[EXERCISE PROMPT]: Write out all of the data exactly as it appears.

⟨

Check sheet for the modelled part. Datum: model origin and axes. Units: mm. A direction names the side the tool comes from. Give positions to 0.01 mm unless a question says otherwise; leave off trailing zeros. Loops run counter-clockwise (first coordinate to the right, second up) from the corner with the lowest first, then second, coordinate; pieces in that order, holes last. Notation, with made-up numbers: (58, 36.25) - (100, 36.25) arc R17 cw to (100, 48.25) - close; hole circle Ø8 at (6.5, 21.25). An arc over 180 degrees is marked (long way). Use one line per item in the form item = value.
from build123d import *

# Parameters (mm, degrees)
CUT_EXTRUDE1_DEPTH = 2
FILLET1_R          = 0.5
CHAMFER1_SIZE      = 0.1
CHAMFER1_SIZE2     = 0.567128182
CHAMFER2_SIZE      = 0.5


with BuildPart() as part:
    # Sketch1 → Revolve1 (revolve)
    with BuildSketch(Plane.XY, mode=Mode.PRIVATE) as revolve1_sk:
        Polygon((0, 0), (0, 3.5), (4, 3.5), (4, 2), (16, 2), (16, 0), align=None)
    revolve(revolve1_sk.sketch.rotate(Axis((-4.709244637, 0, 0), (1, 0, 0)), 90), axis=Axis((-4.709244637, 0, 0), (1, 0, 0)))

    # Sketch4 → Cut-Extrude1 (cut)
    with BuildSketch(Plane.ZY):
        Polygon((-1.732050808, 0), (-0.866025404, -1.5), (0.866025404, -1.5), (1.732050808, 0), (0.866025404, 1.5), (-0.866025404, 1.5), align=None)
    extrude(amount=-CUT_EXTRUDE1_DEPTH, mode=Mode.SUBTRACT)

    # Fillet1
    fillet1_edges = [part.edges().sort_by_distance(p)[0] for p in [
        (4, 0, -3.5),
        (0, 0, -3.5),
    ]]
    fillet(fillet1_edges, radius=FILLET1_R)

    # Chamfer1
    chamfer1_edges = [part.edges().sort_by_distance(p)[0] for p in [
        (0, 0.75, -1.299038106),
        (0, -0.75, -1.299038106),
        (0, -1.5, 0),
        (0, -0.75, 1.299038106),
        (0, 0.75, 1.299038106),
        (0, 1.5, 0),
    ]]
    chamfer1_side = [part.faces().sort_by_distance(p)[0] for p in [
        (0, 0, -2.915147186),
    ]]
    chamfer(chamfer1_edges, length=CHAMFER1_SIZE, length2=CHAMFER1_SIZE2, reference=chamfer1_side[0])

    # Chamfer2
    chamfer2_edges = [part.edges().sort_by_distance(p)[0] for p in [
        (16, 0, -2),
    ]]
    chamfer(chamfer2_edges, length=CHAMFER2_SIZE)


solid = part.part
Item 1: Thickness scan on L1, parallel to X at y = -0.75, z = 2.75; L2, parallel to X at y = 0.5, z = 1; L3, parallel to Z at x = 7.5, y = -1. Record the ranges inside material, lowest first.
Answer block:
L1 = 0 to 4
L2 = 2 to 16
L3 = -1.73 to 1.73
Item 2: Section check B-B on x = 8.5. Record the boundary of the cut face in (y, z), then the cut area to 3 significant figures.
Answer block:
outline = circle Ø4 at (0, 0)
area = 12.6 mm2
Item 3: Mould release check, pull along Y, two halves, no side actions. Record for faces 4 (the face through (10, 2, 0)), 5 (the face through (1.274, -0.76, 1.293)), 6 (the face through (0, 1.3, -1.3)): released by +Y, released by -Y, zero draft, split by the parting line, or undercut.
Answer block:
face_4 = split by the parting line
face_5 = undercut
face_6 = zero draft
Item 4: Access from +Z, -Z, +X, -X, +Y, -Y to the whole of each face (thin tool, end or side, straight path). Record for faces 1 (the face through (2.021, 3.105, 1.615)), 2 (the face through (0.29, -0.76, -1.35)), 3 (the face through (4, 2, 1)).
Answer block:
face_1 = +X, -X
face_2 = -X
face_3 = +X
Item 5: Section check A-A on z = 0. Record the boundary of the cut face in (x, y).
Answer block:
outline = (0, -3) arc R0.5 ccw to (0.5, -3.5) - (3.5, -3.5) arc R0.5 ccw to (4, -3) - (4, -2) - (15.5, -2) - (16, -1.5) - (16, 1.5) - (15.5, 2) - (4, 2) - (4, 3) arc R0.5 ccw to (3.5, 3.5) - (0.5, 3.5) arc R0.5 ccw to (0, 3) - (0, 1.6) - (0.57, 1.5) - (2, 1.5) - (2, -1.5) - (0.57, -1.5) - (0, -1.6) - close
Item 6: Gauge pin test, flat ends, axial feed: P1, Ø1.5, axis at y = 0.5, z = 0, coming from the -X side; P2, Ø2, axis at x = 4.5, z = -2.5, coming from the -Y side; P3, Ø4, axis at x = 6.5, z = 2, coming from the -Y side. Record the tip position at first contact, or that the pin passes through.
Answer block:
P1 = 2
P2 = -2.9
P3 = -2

⟩

[EXPECTED OUTPUT]:
Check sheet for the modelled part. Datum: model origin and axes. Units: mm. A direction names the side the tool comes from. Give positions to 0.01 mm unless a question says otherwise; leave off trailing zeros. Loops run counter-clockwise (first coordinate to the right, second up) from the corner with the lowest first, then second, coordinate; pieces in that order, holes last. Notation, with made-up numbers: (58, 36.25) - (100, 36.25) arc R17 cw to (100, 48.25) - close; hole circle Ø8 at (6.5, 21.25). An arc over 180 degrees is marked (long way). Use one line per item in the form item = value.
from build123d import *

# Parameters (mm, degrees)
CUT_EXTRUDE1_DEPTH = 2
FILLET1_R          = 0.5
CHAMFER1_SIZE      = 0.1
CHAMFER1_SIZE2     = 0.567128182
CHAMFER2_SIZE      = 0.5


with BuildPart() as part:
    # Sketch1 → Revolve1 (revolve)
    with BuildSketch(Plane.XY, mode=Mode.PRIVATE) as revolve1_sk:
        Polygon((0, 0), (0, 3.5), (4, 3.5), (4, 2), (16, 2), (16, 0), align=None)
    revolve(revolve1_sk.sketch.rotate(Axis((-4.709244637, 0, 0), (1, 0, 0)), 90), axis=Axis((-4.709244637, 0, 0), (1, 0, 0)))

    # Sketch4 → Cut-Extrude1 (cut)
    with BuildSketch(Plane.ZY):
        Polygon((-1.732050808, 0), (-0.866025404, -1.5), (0.866025404, -1.5), (1.732050808, 0), (0.866025404, 1.5), (-0.866025404, 1.5), align=None)
    extrude(amount=-CUT_EXTRUDE1_DEPTH, mode=Mode.SUBTRACT)

    # Fillet1
    fillet1_edges = [part.edges().sort_by_distance(p)[0] for p in [
        (4, 0, -3.5),
        (0, 0, -3.5),
    ]]
    fillet(fillet1_edges, radius=FILLET1_R)

    # Chamfer1
    chamfer1_edges = [part.edges().sort_by_distance(p)[0] for p in [
        (0, 0.75, -1.299038106),
        (0, -0.75, -1.299038106),
        (0, -1.5, 0),
        (0, -0.75, 1.299038106),
        (0, 0.75, 1.299038106),
        (0, 1.5, 0),
    ]]
    chamfer1_side = [part.faces().sort_by_distance(p)[0] for p in [
        (0, 0, -2.915147186),
    ]]
    chamfer(chamfer1_edges, length=CHAMFER1_SIZE, length2=CHAMFER1_SIZE2, reference=chamfer1_side[0])

    # Chamfer2
    chamfer2_edges = [part.edges().sort_by_distance(p)[0] for p in [
        (16, 0, -2),
    ]]
    chamfer(chamfer2_edges, length=CHAMFER2_SIZE)


solid = part.part
Item 1: Thickness scan on L1, parallel to X at y = -0.75, z = 2.75; L2, parallel to X at y = 0.5, z = 1; L3, parallel to Z at x = 7.5, y = -1. Record the ranges inside material, lowest first.
Answer block:
L1 = 0 to 4
L2 = 2 to 16
L3 = -1.73 to 1.73
Item 2: Section check B-B on x = 8.5. Record the boundary of the cut face in (y, z), then the cut area to 3 significant figures.
Answer block:
outline = circle Ø4 at (0, 0)
area = 12.6 mm2
Item 3: Mould release check, pull along Y, two halves, no side actions. Record for faces 4 (the face through (10, 2, 0)), 5 (the face through (1.274, -0.76, 1.293)), 6 (the face through (0, 1.3, -1.3)): released by +Y, released by -Y, zero draft, split by the parting line, or undercut.
Answer block:
face_4 = split by the parting line
face_5 = undercut
face_6 = zero draft
Item 4: Access from +Z, -Z, +X, -X, +Y, -Y to the whole of each face (thin tool, end or side, straight path). Record for faces 1 (the face through (2.021, 3.105, 1.615)), 2 (the face through (0.29, -0.76, -1.35)), 3 (the face through (4, 2, 1)).
Answer block:
face_1 = +X, -X
face_2 = -X
face_3 = +X
Item 5: Section check A-A on z = 0. Record the boundary of the cut face in (x, y).
Answer block:
outline = (0, -3) arc R0.5 ccw to (0.5, -3.5) - (3.5, -3.5) arc R0.5 ccw to (4, -3) - (4, -2) - (15.5, -2) - (16, -1.5) - (16, 1.5) - (15.5, 2) - (4, 2) - (4, 3) arc R0.5 ccw to (3.5, 3.5) - (0.5, 3.5) arc R0.5 ccw to (0, 3) - (0, 1.6) - (0.57, 1.5) - (2, 1.5) - (2, -1.5) - (0.57, -1.5) - (0, -1.6) - close
Item 6: Gauge pin test, flat ends, axial feed: P1, Ø1.5, axis at y = 0.5, z = 0, coming from the -X side; P2, Ø2, axis at x = 4.5, z = -2.5, coming from the -Y side; P3, Ø4, axis at x = 6.5, z = 2, coming from the -Y side. Record the tip position at first contact, or that the pin passes through.
Answer block:
P1 = 2
P2 = -2.9
P3 = -2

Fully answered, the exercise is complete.